[Source records]
──────────

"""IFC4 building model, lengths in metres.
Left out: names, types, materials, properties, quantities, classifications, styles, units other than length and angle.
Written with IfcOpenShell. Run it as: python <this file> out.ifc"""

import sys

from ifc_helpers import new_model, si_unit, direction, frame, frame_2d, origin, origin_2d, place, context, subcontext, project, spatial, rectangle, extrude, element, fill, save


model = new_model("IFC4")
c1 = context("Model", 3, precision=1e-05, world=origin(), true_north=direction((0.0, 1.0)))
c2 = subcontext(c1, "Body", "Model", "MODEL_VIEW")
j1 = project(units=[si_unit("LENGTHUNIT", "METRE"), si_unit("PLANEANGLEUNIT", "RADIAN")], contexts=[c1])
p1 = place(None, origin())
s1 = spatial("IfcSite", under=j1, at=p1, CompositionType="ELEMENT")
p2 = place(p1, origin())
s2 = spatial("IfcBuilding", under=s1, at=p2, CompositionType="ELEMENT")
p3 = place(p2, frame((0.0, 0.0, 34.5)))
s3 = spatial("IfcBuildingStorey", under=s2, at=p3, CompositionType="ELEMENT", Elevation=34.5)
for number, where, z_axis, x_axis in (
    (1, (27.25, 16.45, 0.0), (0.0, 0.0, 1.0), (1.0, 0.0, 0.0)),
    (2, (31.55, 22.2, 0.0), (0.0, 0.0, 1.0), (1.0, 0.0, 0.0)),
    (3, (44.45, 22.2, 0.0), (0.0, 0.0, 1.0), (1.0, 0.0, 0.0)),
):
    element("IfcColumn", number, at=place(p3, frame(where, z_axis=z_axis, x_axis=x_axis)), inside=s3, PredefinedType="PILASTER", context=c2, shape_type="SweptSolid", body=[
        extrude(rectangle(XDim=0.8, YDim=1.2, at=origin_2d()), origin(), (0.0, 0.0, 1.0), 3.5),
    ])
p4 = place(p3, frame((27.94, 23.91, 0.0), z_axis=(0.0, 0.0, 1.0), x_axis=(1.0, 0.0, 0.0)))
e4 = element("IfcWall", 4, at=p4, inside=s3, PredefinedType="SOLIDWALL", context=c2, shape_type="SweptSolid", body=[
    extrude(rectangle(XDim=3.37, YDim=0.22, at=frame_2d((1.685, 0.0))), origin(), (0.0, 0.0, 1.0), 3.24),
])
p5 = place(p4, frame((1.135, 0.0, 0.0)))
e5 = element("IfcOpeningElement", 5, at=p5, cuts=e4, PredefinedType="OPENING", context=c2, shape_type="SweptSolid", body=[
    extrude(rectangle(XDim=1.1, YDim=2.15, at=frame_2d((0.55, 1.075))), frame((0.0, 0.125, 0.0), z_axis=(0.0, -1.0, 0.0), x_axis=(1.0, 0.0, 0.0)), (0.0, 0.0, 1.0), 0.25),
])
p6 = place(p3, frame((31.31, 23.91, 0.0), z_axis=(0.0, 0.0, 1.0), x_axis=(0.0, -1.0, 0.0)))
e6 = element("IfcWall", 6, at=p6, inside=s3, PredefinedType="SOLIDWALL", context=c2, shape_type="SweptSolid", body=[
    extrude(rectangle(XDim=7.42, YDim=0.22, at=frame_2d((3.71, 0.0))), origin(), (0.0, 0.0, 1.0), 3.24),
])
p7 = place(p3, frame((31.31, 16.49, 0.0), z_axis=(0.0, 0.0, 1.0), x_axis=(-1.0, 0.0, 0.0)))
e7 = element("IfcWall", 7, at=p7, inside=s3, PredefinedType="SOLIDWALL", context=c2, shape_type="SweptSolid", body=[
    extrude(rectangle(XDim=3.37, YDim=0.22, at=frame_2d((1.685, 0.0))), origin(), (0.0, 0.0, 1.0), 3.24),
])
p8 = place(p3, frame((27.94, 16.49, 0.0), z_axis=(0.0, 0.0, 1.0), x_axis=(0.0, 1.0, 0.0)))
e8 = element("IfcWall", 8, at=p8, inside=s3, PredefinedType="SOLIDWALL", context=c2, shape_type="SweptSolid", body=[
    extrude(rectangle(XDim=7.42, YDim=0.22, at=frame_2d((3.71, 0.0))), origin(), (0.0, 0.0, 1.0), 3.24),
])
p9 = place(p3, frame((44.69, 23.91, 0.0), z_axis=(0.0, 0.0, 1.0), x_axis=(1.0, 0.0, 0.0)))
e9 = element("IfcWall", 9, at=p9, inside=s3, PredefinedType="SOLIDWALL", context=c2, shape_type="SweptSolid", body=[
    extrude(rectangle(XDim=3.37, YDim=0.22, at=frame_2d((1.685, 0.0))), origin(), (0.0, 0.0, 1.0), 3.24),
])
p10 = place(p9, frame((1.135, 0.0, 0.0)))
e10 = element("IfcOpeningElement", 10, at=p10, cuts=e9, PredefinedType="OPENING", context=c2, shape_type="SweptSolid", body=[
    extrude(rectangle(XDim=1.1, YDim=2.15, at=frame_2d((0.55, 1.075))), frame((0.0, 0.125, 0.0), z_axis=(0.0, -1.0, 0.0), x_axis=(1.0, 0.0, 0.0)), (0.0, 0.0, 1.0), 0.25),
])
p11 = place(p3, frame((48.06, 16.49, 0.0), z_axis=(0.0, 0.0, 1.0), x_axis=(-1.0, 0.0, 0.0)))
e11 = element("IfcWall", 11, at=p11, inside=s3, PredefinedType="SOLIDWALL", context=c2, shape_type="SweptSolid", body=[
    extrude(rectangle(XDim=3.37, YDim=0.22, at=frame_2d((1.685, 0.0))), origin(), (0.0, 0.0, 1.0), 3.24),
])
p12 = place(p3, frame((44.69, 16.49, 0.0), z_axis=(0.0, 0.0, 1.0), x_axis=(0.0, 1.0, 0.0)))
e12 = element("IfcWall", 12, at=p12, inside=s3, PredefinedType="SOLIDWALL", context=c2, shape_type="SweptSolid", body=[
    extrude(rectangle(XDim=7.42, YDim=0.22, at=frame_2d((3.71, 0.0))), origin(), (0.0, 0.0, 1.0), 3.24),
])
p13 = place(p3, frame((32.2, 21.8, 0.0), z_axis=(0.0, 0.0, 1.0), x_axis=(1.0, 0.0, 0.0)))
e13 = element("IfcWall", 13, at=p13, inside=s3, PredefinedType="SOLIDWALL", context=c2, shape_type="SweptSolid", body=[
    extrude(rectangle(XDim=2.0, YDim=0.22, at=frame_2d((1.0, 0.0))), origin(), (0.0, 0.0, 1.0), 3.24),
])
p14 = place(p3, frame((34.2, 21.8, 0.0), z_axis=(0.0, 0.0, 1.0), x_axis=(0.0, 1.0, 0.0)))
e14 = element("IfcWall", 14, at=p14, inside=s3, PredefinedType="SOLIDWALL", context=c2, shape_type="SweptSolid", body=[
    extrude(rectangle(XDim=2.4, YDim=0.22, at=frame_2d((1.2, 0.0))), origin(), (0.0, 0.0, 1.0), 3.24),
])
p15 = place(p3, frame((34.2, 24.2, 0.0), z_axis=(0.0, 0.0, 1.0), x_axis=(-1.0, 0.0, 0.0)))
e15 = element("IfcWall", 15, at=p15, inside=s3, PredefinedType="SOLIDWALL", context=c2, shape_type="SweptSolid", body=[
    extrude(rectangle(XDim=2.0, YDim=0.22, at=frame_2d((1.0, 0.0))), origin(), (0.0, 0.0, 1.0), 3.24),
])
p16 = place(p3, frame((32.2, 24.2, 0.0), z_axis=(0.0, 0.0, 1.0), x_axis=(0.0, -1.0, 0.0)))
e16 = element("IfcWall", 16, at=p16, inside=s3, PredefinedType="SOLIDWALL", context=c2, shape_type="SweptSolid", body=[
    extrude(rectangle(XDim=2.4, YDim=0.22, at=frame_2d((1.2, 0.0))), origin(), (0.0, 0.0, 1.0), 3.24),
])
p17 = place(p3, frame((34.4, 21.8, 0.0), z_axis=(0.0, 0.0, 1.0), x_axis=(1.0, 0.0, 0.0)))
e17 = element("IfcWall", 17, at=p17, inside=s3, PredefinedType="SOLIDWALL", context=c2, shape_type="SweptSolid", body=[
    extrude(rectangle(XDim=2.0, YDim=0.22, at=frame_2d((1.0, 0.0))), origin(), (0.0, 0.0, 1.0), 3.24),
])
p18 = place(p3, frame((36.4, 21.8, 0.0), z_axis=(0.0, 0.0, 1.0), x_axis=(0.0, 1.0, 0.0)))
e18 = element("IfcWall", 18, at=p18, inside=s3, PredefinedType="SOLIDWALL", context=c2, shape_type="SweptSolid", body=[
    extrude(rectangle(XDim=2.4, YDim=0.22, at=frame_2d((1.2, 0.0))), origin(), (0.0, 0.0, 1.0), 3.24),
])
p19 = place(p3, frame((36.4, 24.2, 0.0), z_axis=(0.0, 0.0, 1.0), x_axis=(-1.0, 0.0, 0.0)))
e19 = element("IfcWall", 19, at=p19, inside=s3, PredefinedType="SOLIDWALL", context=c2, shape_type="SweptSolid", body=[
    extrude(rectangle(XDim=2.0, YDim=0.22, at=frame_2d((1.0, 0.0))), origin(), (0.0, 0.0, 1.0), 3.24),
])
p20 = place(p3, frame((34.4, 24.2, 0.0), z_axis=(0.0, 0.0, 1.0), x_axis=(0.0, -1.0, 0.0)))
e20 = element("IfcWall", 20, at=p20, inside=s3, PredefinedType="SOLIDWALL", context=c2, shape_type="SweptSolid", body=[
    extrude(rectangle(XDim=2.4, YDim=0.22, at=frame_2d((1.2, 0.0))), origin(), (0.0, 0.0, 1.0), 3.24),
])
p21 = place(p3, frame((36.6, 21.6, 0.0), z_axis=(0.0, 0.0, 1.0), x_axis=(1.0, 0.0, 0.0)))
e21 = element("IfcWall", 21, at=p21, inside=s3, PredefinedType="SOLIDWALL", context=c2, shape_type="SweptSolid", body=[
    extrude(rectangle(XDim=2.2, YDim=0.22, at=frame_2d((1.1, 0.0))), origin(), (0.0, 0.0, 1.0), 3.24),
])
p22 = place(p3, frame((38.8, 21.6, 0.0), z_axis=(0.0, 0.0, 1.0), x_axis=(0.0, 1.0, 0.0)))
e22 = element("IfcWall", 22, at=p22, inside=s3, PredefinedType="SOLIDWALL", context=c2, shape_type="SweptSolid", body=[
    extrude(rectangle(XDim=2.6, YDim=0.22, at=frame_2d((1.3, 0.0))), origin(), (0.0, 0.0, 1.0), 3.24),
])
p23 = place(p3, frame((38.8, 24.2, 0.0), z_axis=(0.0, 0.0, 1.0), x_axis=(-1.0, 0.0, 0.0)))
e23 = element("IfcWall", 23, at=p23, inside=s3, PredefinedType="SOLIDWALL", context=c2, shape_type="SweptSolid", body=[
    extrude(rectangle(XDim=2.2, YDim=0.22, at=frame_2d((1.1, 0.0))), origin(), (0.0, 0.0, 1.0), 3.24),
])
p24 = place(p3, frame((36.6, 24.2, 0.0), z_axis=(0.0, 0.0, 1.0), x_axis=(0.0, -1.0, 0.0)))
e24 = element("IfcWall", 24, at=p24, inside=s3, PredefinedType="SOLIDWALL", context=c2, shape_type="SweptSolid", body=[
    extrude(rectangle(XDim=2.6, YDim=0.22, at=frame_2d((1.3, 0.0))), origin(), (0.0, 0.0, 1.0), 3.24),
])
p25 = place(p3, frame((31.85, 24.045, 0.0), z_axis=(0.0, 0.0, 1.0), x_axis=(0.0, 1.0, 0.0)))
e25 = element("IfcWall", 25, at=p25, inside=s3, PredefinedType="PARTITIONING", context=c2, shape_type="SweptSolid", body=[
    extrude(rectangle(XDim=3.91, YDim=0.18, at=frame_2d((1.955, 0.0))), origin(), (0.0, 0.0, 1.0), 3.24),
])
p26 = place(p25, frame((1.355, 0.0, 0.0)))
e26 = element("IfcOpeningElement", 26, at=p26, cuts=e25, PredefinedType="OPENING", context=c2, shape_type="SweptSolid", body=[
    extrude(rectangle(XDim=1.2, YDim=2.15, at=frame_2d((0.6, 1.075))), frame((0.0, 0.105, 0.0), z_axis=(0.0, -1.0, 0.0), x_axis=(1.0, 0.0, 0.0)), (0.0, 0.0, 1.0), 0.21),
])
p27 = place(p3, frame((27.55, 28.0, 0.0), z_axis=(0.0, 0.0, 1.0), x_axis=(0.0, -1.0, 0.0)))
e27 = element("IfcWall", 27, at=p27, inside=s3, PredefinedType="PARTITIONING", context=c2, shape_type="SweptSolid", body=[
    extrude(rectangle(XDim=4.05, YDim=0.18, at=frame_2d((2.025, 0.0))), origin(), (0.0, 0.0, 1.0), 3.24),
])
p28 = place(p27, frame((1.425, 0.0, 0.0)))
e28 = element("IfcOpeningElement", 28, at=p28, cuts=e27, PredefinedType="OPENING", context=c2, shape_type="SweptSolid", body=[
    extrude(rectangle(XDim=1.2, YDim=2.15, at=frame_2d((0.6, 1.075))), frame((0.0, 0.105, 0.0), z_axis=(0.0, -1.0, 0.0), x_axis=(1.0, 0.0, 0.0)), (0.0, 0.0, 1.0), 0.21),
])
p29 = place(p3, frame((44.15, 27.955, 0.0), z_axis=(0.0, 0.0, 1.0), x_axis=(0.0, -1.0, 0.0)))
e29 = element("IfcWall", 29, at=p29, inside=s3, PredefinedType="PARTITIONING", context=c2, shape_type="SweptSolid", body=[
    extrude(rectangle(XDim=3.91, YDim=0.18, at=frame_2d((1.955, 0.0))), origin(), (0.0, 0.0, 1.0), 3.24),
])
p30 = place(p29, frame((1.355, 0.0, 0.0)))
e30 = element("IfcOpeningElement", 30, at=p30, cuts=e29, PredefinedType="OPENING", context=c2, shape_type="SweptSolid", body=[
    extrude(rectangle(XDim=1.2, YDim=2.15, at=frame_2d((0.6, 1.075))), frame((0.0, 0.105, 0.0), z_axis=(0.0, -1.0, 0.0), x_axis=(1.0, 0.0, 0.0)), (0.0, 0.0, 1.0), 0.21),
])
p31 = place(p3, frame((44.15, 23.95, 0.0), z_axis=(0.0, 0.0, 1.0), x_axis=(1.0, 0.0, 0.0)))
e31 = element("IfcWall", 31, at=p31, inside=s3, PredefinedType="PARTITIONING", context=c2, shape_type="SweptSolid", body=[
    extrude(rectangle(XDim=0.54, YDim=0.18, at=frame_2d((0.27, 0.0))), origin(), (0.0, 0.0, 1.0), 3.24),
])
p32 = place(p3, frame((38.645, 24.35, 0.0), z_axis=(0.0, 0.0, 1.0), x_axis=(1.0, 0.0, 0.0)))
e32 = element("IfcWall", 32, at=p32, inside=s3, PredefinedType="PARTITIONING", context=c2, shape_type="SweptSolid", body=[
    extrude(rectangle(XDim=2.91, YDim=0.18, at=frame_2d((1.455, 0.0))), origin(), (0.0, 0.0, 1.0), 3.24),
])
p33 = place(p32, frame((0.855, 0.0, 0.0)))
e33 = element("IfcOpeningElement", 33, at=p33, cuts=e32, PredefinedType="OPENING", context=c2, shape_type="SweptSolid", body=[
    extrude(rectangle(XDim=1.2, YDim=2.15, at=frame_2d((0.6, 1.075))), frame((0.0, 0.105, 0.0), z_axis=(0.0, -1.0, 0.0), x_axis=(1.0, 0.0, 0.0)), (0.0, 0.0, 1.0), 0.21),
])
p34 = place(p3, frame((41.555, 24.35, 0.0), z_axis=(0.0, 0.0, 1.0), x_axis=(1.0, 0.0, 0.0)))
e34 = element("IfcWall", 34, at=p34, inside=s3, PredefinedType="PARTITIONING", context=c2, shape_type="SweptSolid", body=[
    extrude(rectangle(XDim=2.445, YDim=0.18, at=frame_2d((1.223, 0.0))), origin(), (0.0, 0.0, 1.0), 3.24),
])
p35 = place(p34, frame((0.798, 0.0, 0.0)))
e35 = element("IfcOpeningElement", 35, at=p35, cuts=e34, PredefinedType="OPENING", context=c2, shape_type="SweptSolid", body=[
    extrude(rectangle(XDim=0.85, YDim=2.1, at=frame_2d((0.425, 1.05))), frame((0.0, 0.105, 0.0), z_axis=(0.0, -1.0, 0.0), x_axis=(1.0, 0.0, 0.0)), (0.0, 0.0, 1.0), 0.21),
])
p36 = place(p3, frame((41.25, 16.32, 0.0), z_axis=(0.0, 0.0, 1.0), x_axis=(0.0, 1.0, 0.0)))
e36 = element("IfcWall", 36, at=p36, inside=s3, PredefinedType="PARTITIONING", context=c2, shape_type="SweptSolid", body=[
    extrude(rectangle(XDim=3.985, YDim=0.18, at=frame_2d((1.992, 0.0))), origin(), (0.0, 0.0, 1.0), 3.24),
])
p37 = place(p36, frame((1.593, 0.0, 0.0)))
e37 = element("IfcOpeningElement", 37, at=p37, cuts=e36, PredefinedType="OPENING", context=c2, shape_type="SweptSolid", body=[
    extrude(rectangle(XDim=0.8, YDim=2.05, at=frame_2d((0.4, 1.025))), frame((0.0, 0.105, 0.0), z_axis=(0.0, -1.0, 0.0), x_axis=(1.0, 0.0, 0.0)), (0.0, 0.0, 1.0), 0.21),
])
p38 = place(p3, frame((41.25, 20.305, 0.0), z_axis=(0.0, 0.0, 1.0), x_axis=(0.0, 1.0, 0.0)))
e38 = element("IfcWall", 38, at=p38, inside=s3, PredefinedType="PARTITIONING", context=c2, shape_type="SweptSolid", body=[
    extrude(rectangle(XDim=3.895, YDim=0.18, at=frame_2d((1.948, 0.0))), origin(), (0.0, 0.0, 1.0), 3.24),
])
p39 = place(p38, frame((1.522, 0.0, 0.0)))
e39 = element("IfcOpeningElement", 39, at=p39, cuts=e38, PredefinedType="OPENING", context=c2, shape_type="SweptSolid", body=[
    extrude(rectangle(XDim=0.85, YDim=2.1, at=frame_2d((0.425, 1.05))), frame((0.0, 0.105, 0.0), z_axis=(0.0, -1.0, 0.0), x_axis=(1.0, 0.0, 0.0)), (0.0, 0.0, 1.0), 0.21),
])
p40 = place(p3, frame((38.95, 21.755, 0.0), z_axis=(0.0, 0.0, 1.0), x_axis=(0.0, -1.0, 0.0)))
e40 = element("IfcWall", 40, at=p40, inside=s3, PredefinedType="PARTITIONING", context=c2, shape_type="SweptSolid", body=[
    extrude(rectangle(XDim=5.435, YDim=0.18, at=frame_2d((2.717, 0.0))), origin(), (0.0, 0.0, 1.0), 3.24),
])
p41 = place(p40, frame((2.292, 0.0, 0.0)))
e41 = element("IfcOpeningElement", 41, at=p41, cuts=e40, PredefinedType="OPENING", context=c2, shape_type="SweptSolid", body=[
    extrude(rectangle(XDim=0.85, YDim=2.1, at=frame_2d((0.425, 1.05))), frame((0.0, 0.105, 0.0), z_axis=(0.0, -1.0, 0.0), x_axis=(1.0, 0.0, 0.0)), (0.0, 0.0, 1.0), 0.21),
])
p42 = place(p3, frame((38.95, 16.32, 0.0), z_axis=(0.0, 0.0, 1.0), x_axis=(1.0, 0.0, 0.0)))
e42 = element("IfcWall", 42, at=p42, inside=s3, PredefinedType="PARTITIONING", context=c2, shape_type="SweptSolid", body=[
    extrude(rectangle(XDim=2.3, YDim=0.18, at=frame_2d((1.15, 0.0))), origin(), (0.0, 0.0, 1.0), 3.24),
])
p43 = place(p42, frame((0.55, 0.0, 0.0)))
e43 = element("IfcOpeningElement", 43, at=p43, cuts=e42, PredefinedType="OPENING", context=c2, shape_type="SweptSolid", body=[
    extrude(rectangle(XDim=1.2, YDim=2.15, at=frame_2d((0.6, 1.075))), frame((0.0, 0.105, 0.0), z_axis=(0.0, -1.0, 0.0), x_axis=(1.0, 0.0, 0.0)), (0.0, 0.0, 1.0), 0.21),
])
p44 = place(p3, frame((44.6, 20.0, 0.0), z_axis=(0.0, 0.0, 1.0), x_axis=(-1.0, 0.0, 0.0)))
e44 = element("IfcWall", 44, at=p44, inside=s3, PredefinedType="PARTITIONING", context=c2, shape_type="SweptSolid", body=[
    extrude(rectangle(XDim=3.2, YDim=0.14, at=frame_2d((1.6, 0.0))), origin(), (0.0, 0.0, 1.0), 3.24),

──────────

### What the task asks
The answer must be every line of the records that holds the string "project".

### Your solution
from ifc_helpers import new_model, si_unit, direction, frame, frame_2d, origin, origin_2d, place, context, subcontext, project, spatial, rectangle, extrude, element, fill, save
j1 = project(units=[si_unit("LENGTHUNIT", "METRE"), si_unit("PLANEANGLEUNIT", "RADIAN")], contexts=[c1])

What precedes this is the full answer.